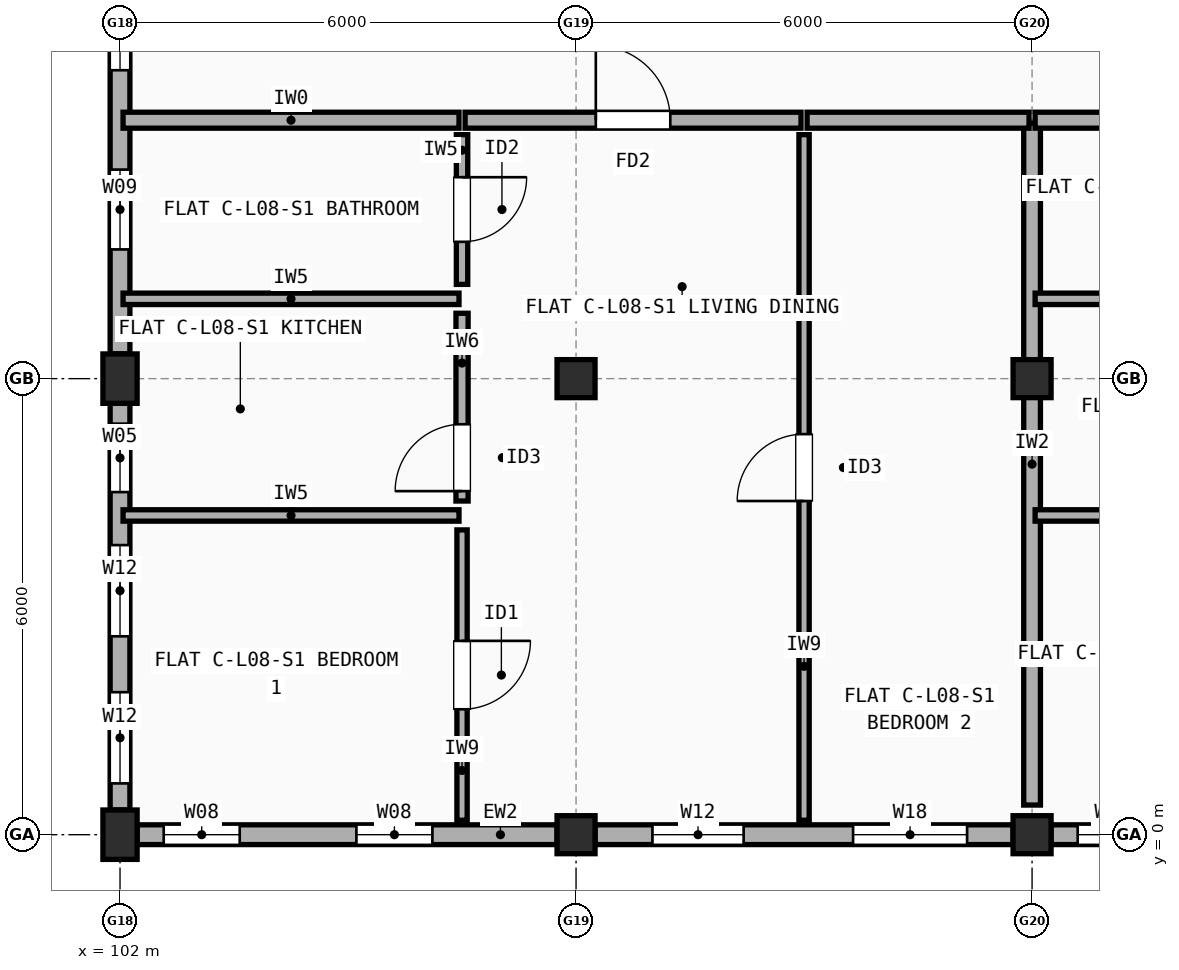
"""IFC4 building model, lengths in metres.
Left out: names, types, materials, properties, quantities, classifications, styles, units other than length and angle.
Written with IfcOpenShell. Run it as: python <this file> out.ifc"""

import sys

from ifc_helpers import new_model, si_unit, direction, frame, frame_2d, origin, origin_2d, place, context, subcontext, project, spatial, rectangle, extrude, element, fill, save


model = new_model("IFC4")
c1 = context("Model", 3, precision=1e-05, world=origin(), true_north=direction((0.0, 1.0)))
c2 = subcontext(c1, "Body", "Model", "MODEL_VIEW")
j1 = project(units=[si_unit("LENGTHUNIT", "METRE"), si_unit("PLANEANGLEUNIT", "RADIAN")], contexts=[c1])
p1 = place(None, origin())
s1 = spatial("IfcSite", under=j1, at=p1, CompositionType="ELEMENT")
p2 = place(p1, origin())
s2 = spatial("IfcBuilding", under=s1, at=p2, CompositionType="ELEMENT")
p3 = place(p2, frame((0.0, 0.0, 26.9)))
s3 = spatial("IfcBuildingStorey", under=s2, at=p3, CompositionType="ELEMENT", Elevation=26.9)
for number, where, z_axis, x_axis in (
    (1, (102.0, 0.0, 0.0), (0.0, 0.0, 1.0), (1.0, 0.0, 0.0)),
    (2, (102.0, 6.0, 0.0), (0.0, 0.0, 1.0), (1.0, 0.0, 0.0)),
):
    element("IfcColumn", number, at=place(p3, frame(where, z_axis=z_axis, x_axis=x_axis)), inside=s3, PredefinedType="COLUMN", context=c2, shape_type="SweptSolid", body=[
        extrude(rectangle(XDim=0.45, YDim=0.65, at=origin_2d()), origin(), (0.0, 0.0, 1.0), 2.98),
    ])
for number, where, z_axis, x_axis in (
    (3, (108.0, 0.0, 0.0), (0.0, 0.0, 1.0), (1.0, 0.0, 0.0)),
    (4, (108.0, 6.0, 0.0), (0.0, 0.0, 1.0), (1.0, 0.0, 0.0)),
    (5, (114.0, 0.0, 0.0), (0.0, 0.0, 1.0), (1.0, 0.0, 0.0)),
    (6, (114.0, 6.0, 0.0), (0.0, 0.0, 1.0), (1.0, 0.0, 0.0)),
):
    element("IfcColumn", number, at=place(p3, frame(where, z_axis=z_axis, x_axis=x_axis)), inside=s3, PredefinedType="COLUMN", context=c2, shape_type="SweptSolid", body=[
        extrude(rectangle(XDim=0.5, YDim=0.5, at=origin_2d()), origin(), (0.0, 0.0, 1.0), 2.98),
    ])
p4 = place(p3, frame((102.225, 0.0, 0.0), z_axis=(0.0, 0.0, 1.0), x_axis=(1.0, 0.0, 0.0)))
e7 = element("IfcWall", 7, at=p4, inside=s3, PredefinedType="STANDARD", context=c2, shape_type="SweptSolid", body=[
    extrude(rectangle(XDim=5.525, YDim=0.26, at=frame_2d((2.762, 0.0))), origin(), (0.0, 0.0, 1.0), 2.462),
])
p5 = place(p4, frame((0.35, 0.0, 0.9)))
e8 = element("IfcOpeningElement", 8, at=p5, cuts=e7, PredefinedType="OPENING", context=c2, shape_type="SweptSolid", body=[
    extrude(rectangle(XDim=1.0, YDim=1.4, at=frame_2d((0.5, 0.7))), frame((0.0, 0.14, 0.0), z_axis=(0.0, -1.0, 0.0), x_axis=(1.0, 0.0, 0.0)), (0.0, 0.0, 1.0), 0.28),
])
p6 = place(p4, frame((2.885, 0.0, 0.9)))
e9 = element("IfcOpeningElement", 9, at=p6, cuts=e7, PredefinedType="OPENING", context=c2, shape_type="SweptSolid", body=[
    extrude(rectangle(XDim=1.0, YDim=1.4, at=frame_2d((0.5, 0.7))), frame((0.0, 0.14, 0.0), z_axis=(0.0, -1.0, 0.0), x_axis=(1.0, 0.0, 0.0)), (0.0, 0.0, 1.0), 0.28),
])
p7 = place(p3, frame((108.25, 0.0, 0.0), z_axis=(0.0, 0.0, 1.0), x_axis=(1.0, 0.0, 0.0)))
e10 = element("IfcWall", 10, at=p7, inside=s3, PredefinedType="STANDARD", context=c2, shape_type="SweptSolid", body=[
    extrude(rectangle(XDim=5.5, YDim=0.26, at=frame_2d((2.75, 0.0))), origin(), (0.0, 0.0, 1.0), 2.462),
])
p8 = place(p7, frame((0.755, 0.0, 0.9)))
e11 = element("IfcOpeningElement", 11, at=p8, cuts=e10, PredefinedType="OPENING", context=c2, shape_type="SweptSolid", body=[
    extrude(rectangle(XDim=1.2, YDim=1.35, at=frame_2d((0.6, 0.675))), frame((0.0, 0.14, 0.0), z_axis=(0.0, -1.0, 0.0), x_axis=(1.0, 0.0, 0.0)), (0.0, 0.0, 1.0), 0.28),
])
p9 = place(p7, frame((3.395, 0.0, 0.9)))
e12 = element("IfcOpeningElement", 12, at=p9, cuts=e10, PredefinedType="OPENING", context=c2, shape_type="SweptSolid", body=[
    extrude(rectangle(XDim=1.5, YDim=1.4, at=frame_2d((0.75, 0.7))), frame((0.0, 0.14, 0.0), z_axis=(0.0, -1.0, 0.0), x_axis=(1.0, 0.0, 0.0)), (0.0, 0.0, 1.0), 0.28),
])
p10 = place(p3, frame((114.25, 0.0, 0.0), z_axis=(0.0, 0.0, 1.0), x_axis=(1.0, 0.0, 0.0)))
e13 = element("IfcWall", 13, at=p10, inside=s3, PredefinedType="STANDARD", context=c2, shape_type="SweptSolid", body=[
    extrude(rectangle(XDim=5.5, YDim=0.26, at=frame_2d((2.75, 0.0))), origin(), (0.0, 0.0, 1.0), 2.462),
])
p11 = place(p10, frame((0.35, 0.0, 0.9)))
e14 = element("IfcOpeningElement", 14, at=p11, cuts=e13, PredefinedType="OPENING", context=c2, shape_type="SweptSolid", body=[
    extrude(rectangle(XDim=0.9, YDim=1.4, at=frame_2d((0.45, 0.7))), frame((0.0, 0.14, 0.0), z_axis=(0.0, -1.0, 0.0), x_axis=(1.0, 0.0, 0.0)), (0.0, 0.0, 1.0), 0.28),
])
p12 = place(p10, frame((2.96, 0.0, 0.9)))
e15 = element("IfcOpeningElement", 15, at=p12, cuts=e13, PredefinedType="OPENING", context=c2, shape_type="SweptSolid", body=[
    extrude(rectangle(XDim=0.9, YDim=1.4, at=frame_2d((0.45, 0.7))), frame((0.0, 0.14, 0.0), z_axis=(0.0, -1.0, 0.0), x_axis=(1.0, 0.0, 0.0)), (0.0, 0.0, 1.0), 0.28),
])
p13 = place(p3, frame((102.0, 11.675, 0.0), z_axis=(0.0, 0.0, 1.0), x_axis=(0.0, -1.0, 0.0)))
e16 = element("IfcWall", 16, at=p13, inside=s3, PredefinedType="STANDARD", context=c2, shape_type="SweptSolid", body=[
    extrude(rectangle(XDim=5.35, YDim=0.26, at=frame_2d((2.675, 0.0))), origin(), (0.0, 0.0, 1.0), 2.462),
])
p14 = place(p13, frame((0.617, 0.0, 0.9)))
e17 = element("IfcOpeningElement", 17, at=p14, cuts=e16, PredefinedType="OPENING", context=c2, shape_type="SweptSolid", body=[
    extrude(rectangle(XDim=1.0, YDim=1.4, at=frame_2d((0.5, 0.7))), frame((0.0, 0.14, 0.0), z_axis=(0.0, -1.0, 0.0), x_axis=(1.0, 0.0, 0.0)), (0.0, 0.0, 1.0), 0.28),
])
p15 = place(p13, frame((2.925, 0.0, 0.9)))
e18 = element("IfcOpeningElement", 18, at=p15, cuts=e16, PredefinedType="OPENING", context=c2, shape_type="SweptSolid", body=[
    extrude(rectangle(XDim=1.05, YDim=1.35, at=frame_2d((0.525, 0.675))), frame((0.0, 0.14, 0.0), z_axis=(0.0, -1.0, 0.0), x_axis=(1.0, 0.0, 0.0)), (0.0, 0.0, 1.0), 0.28),
])
p16 = place(p3, frame((102.0, 5.675, 0.0), z_axis=(0.0, 0.0, 1.0), x_axis=(0.0, -1.0, 0.0)))
e19 = element("IfcWall", 19, at=p16, inside=s3, PredefinedType="STANDARD", context=c2, shape_type="SweptSolid", body=[
    extrude(rectangle(XDim=5.35, YDim=0.26, at=frame_2d((2.675, 0.0))), origin(), (0.0, 0.0, 1.0), 2.462),
])
p17 = place(p16, frame((0.268, 0.0, 0.9)))
e20 = element("IfcOpeningElement", 20, at=p17, cuts=e19, PredefinedType="OPENING", context=c2, shape_type="SweptSolid", body=[
    extrude(rectangle(XDim=0.9, YDim=1.4, at=frame_2d((0.45, 0.7))), frame((0.0, 0.14, 0.0), z_axis=(0.0, -1.0, 0.0), x_axis=(1.0, 0.0, 0.0)), (0.0, 0.0, 1.0), 0.28),
])
p18 = place(p16, frame((1.865, 0.0, 0.9)))
e21 = element("IfcOpeningElement", 21, at=p18, cuts=e19, PredefinedType="OPENING", context=c2, shape_type="SweptSolid", body=[
    extrude(rectangle(XDim=1.2, YDim=1.35, at=frame_2d((0.6, 0.675))), frame((0.0, 0.14, 0.0), z_axis=(0.0, -1.0, 0.0), x_axis=(1.0, 0.0, 0.0)), (0.0, 0.0, 1.0), 0.28),
])
p19 = place(p16, frame((3.8, 0.0, 0.9)))
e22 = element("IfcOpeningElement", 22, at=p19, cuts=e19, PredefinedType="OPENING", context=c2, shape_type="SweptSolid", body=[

____________

● EXERCISE BRIEF
Count, in the records above, the lines that include "subcontext", and give the number with nothing added.

● ANSWER SPACE
2